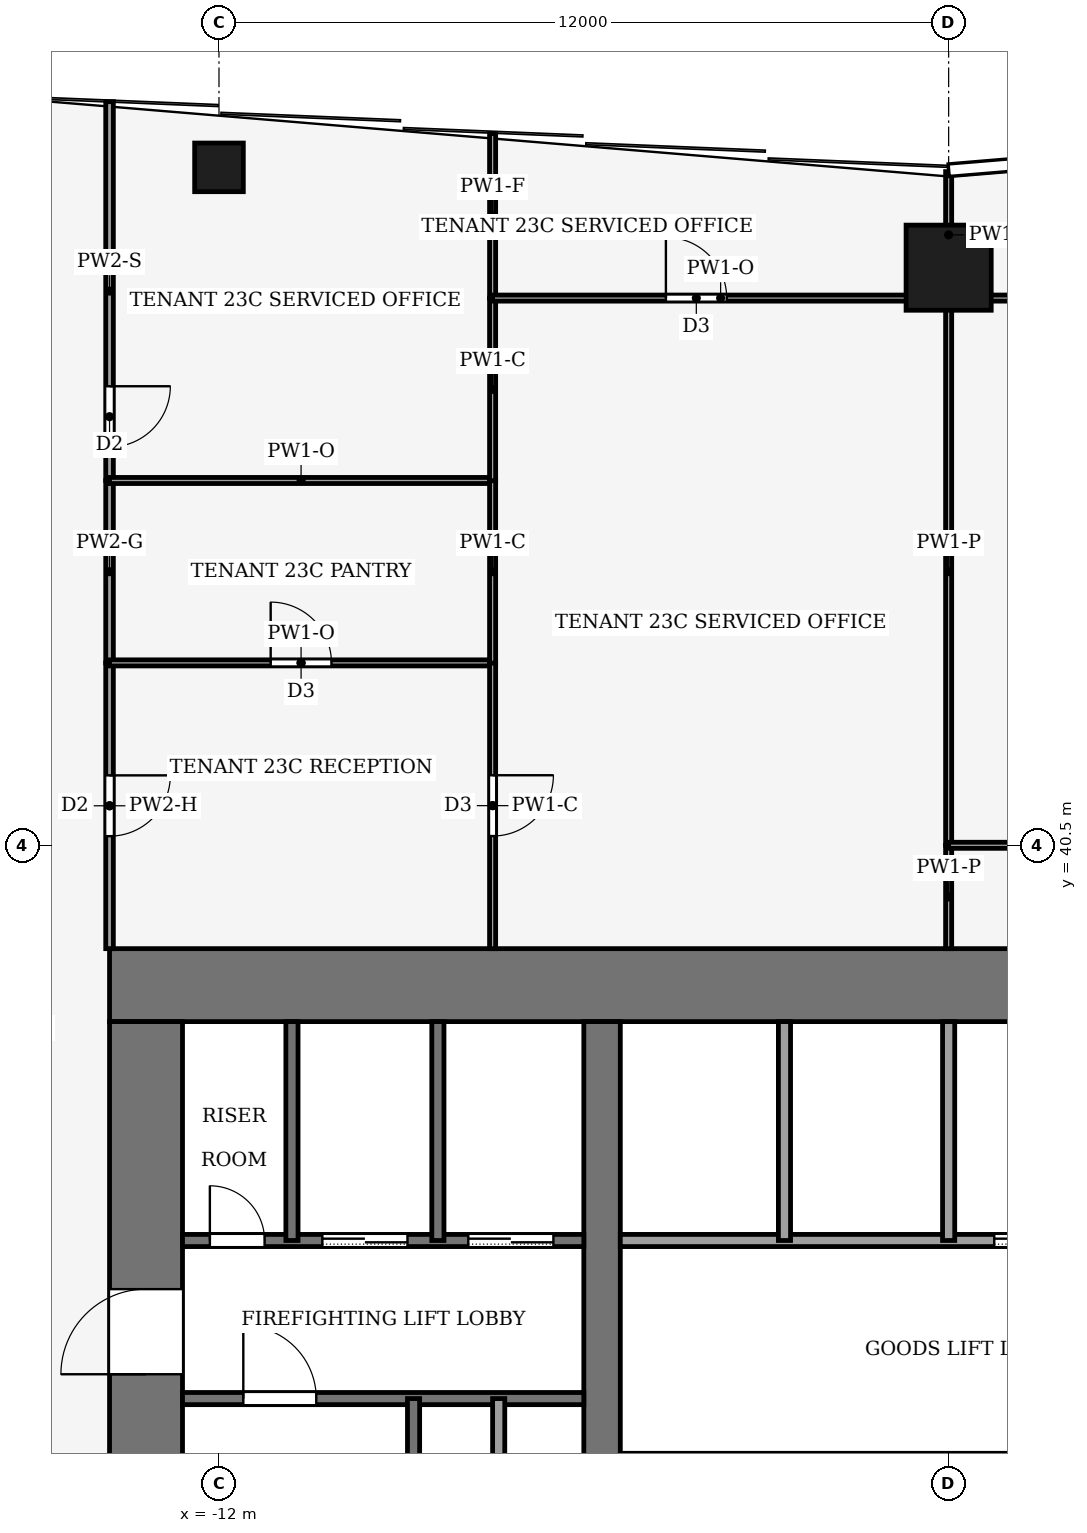
"""IFC4 building model, lengths in metres.
Left out: names, types, materials, properties, quantities, classifications, styles, units other than length and angle.
Written with IfcOpenShell. Run it as: python <this file> out.ifc"""

import sys

from ifc_helpers import new_model, si_unit, direction, frame, frame_2d, origin, origin_2d, place, context, subcontext, project, spatial, rectangle, hollow_rectangle, extrude, element, fill, save


model = new_model("IFC4")
c1 = context("Model", 3, precision=1e-05, world=origin(), true_north=direction((0.0, 1.0)))
c2 = subcontext(c1, "Body", "Model", "MODEL_VIEW")
j1 = project(units=[si_unit("LENGTHUNIT", "METRE"), si_unit("PLANEANGLEUNIT", "RADIAN")], contexts=[c1])
p1 = place(None, origin())
s1 = spatial("IfcSite", under=j1, at=p1, CompositionType="ELEMENT")
p2 = place(p1, origin())
s2 = spatial("IfcBuilding", under=s1, at=p2, CompositionType="ELEMENT")
p3 = place(p2, frame((0.0, 0.0, 102.0)))
s3 = spatial("IfcBuildingStorey", under=s2, at=p3, CompositionType="ELEMENT", Elevation=102.0)
p4 = place(p3, frame((-13.8, 38.2, -0.13), z_axis=(0.0, 0.0, 1.0), x_axis=(1.0, 0.0, 0.0)))
e1 = element("IfcWall", 1, at=p4, inside=s3, PredefinedType="SHEAR", context=c2, shape_type="SweptSolid", body=[
    extrude(rectangle(XDim=27.6, YDim=1.2, at=frame_2d((13.8, 0.0))), origin(), (0.0, 0.0, 1.0), 4.0),
])
p5 = place(p3, frame((-13.2, 18.4, -0.13), z_axis=(0.0, 0.0, 1.0), x_axis=(0.0, 1.0, 0.0)))
e2 = element("IfcWall", 2, at=p5, inside=s3, PredefinedType="SHEAR", context=c2, shape_type="SweptSolid", body=[
    extrude(rectangle(XDim=19.2, YDim=1.2, at=frame_2d((9.6, 0.0))), origin(), (0.0, 0.0, 1.0), 4.0),
])
p6 = place(p5, frame((2.8, 0.0, 0.13)))
e3 = element("IfcOpeningElement", 3, at=p6, cuts=e2, PredefinedType="OPENING", context=c2, shape_type="SweptSolid", body=[
    extrude(rectangle(XDim=2.4, YDim=2.4, at=frame_2d((1.2, 1.2))), frame((0.0, 0.61, 0.0), z_axis=(0.0, -1.0, 0.0), x_axis=(1.0, 0.0, 0.0)), (0.0, 0.0, 1.0), 1.22),
])
p7 = place(p5, frame((13.4, 0.0, 0.13)))
e4 = element("IfcOpeningElement", 4, at=p7, cuts=e2, PredefinedType="OPENING", context=c2, shape_type="SweptSolid", body=[
    extrude(rectangle(XDim=1.4, YDim=2.2, at=frame_2d((0.7, 1.1))), frame((0.0, 0.61, 0.0), z_axis=(0.0, -1.0, 0.0), x_axis=(1.0, 0.0, 0.0)), (0.0, 0.0, 1.0), 1.22),
])
p8 = place(p3, frame((-5.7, 18.4, -0.13), z_axis=(0.0, 0.0, 1.0), x_axis=(0.0, 1.0, 0.0)))
e5 = element("IfcWall", 5, at=p8, inside=s3, PredefinedType="SHEAR", context=c2, shape_type="SweptSolid", body=[
    extrude(rectangle(XDim=19.2, YDim=0.6, at=frame_2d((9.6, 0.0))), origin(), (0.0, 0.0, 1.0), 4.0),
])
p9 = place(p8, frame((8.35, 0.0, 0.13)))
e6 = element("IfcOpeningElement", 6, at=p9, cuts=e5, PredefinedType="OPENING", context=c2, shape_type="SweptSolid", body=[
    extrude(rectangle(XDim=0.9, YDim=2.1, at=frame_2d((0.45, 1.05))), frame((0.0, 0.31, 0.0), z_axis=(0.0, -1.0, 0.0), x_axis=(1.0, 0.0, 0.0)), (0.0, 0.0, 1.0), 0.62),
])
p10 = place(p3, frame((0.0, 50.0, 0.0), z_axis=(0.0, 0.0, 1.0), x_axis=(1.0, 0.0, 0.0)))
e7 = element("IfcColumn", 7, at=p10, inside=s3, PredefinedType="COLUMN", context=c2, shape_type="SweptSolid", body=[
    extrude(hollow_rectangle(XDim=1.4, YDim=1.4, WallThickness=0.08, at=origin_2d()), origin(), (0.0, 0.0, 1.0), 4.0),
])
p11 = place(p3, frame((-12.0, 51.65, 0.0), z_axis=(0.0, 0.0, 1.0), x_axis=(1.0, 0.0, 0.0)))
e8 = element("IfcColumn", 8, at=p11, inside=s3, PredefinedType="COLUMN", context=c2, shape_type="SweptSolid", body=[
    extrude(hollow_rectangle(XDim=0.8, YDim=0.8, WallThickness=0.04, at=origin_2d()), origin(), (0.0, 0.0, 1.0), 4.0),
])
p12 = place(p3, frame((-12.6, 31.4, 0.0), z_axis=(0.0, 0.0, 1.0), x_axis=(1.0, 0.0, 0.0)))
e9 = element("IfcWall", 9, at=p12, inside=s3, PredefinedType="PARTITIONING", context=c2, shape_type="SweptSolid", body=[
    extrude(rectangle(XDim=6.6, YDim=0.2, at=frame_2d((3.3, 0.0))), origin(), (0.0, 0.0, 1.0), 3.87),
])
p13 = place(p12, frame((1.0, 0.0, 0.0)))
e10 = element("IfcOpeningElement", 10, at=p13, cuts=e9, PredefinedType="OPENING", context=c2, shape_type="SweptSolid", body=[
    extrude(rectangle(XDim=1.2, YDim=2.2, at=frame_2d((0.6, 1.1))), frame((0.0, 0.11, 0.0), z_axis=(0.0, -1.0, 0.0), x_axis=(1.0, 0.0, 0.0)), (0.0, 0.0, 1.0), 0.22),
])
p14 = place(p3, frame((-12.6, 34.0, 0.0), z_axis=(0.0, 0.0, 1.0), x_axis=(1.0, 0.0, 0.0)))
e11 = element("IfcWall", 11, at=p14, inside=s3, PredefinedType="PARTITIONING", context=c2, shape_type="SweptSolid", body=[
    extrude(rectangle(XDim=6.6, YDim=0.2, at=frame_2d((3.3, 0.0))), origin(), (0.0, 0.0, 1.0), 3.87),
])
p15 = place(p14, frame((4.7, 0.0, 0.0)))
e12 = element("IfcOpeningElement", 12, at=p15, cuts=e11, PredefinedType="OPENING", context=c2, shape_type="SweptSolid", body=[
    extrude(rectangle(XDim=1.4, YDim=2.2, at=frame_2d((0.7, 1.1))), frame((0.0, 0.11, 0.0), z_axis=(0.0, -1.0, 0.0), x_axis=(1.0, 0.0, 0.0)), (0.0, 0.0, 1.0), 0.22),
])
p16 = place(p14, frame((2.3, 0.0, 0.0)))
e13 = element("IfcOpeningElement", 13, at=p16, cuts=e11, PredefinedType="OPENING", context=c2, shape_type="SweptSolid", body=[
    extrude(rectangle(XDim=1.4, YDim=2.2, at=frame_2d((0.7, 1.1))), frame((0.0, 0.11, 0.0), z_axis=(0.0, -1.0, 0.0), x_axis=(1.0, 0.0, 0.0)), (0.0, 0.0, 1.0), 0.22),
])
p17 = place(p14, frame((0.45, 0.0, 0.0)))
e14 = element("IfcOpeningElement", 14, at=p17, cuts=e11, PredefinedType="OPENING", context=c2, shape_type="SweptSolid", body=[
    extrude(rectangle(XDim=0.9, YDim=2.1, at=frame_2d((0.45, 1.05))), frame((0.0, 0.11, 0.0), z_axis=(0.0, -1.0, 0.0), x_axis=(1.0, 0.0, 0.0)), (0.0, 0.0, 1.0), 0.22),
])
p18 = place(p3, frame((-5.4, 34.0, 0.0), z_axis=(0.0, 0.0, 1.0), x_axis=(1.0, 0.0, 0.0)))
e15 = element("IfcWall", 15, at=p18, inside=s3, PredefinedType="PARTITIONING", context=c2, shape_type="SweptSolid", body=[
    extrude(rectangle(XDim=10.8, YDim=0.2, at=frame_2d((5.4, 0.0))), origin(), (0.0, 0.0, 1.0), 3.87),
])
p19 = place(p18, frame((6.15, 0.0, 0.0)))
e16 = element("IfcOpeningElement", 16, at=p19, cuts=e15, PredefinedType="OPENING", context=c2, shape_type="SweptSolid", body=[
    extrude(rectangle(XDim=1.2, YDim=2.2, at=frame_2d((0.6, 1.1))), frame((0.0, 0.11, 0.0), z_axis=(0.0, -1.0, 0.0), x_axis=(1.0, 0.0, 0.0)), (0.0, 0.0, 1.0), 0.22),
])
p20 = place(p18, frame((8.95, 0.0, 0.0)))
e17 = element("IfcOpeningElement", 17, at=p20, cuts=e15, PredefinedType="OPENING", context=c2, shape_type="SweptSolid", body=[
    extrude(rectangle(XDim=1.0, YDim=2.1, at=frame_2d((0.5, 1.05))), frame((0.0, 0.11, 0.0), z_axis=(0.0, -1.0, 0.0), x_axis=(1.0, 0.0, 0.0)), (0.0, 0.0, 1.0), 0.22),
])
p21 = place(p3, frame((-10.8, 34.0, 0.0), z_axis=(0.0, 0.0, 1.0), x_axis=(0.0, 1.0, 0.0)))
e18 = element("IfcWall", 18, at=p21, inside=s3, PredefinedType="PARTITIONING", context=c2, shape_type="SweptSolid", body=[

━━━━━━━━━━

§ PROMPT: Only the lines with the string "under" are wanted; pick them out of the records above and copy them.

§ WRITTEN SOLUTION:
s1 = spatial("IfcSite", under=j1, at=p1, CompositionType="ELEMENT")
s2 = spatial("IfcBuilding", under=s1, at=p2, CompositionType="ELEMENT")
s3 = spatial("IfcBuildingStorey", under=s2, at=p3, CompositionType="ELEMENT", Elevation=102.0)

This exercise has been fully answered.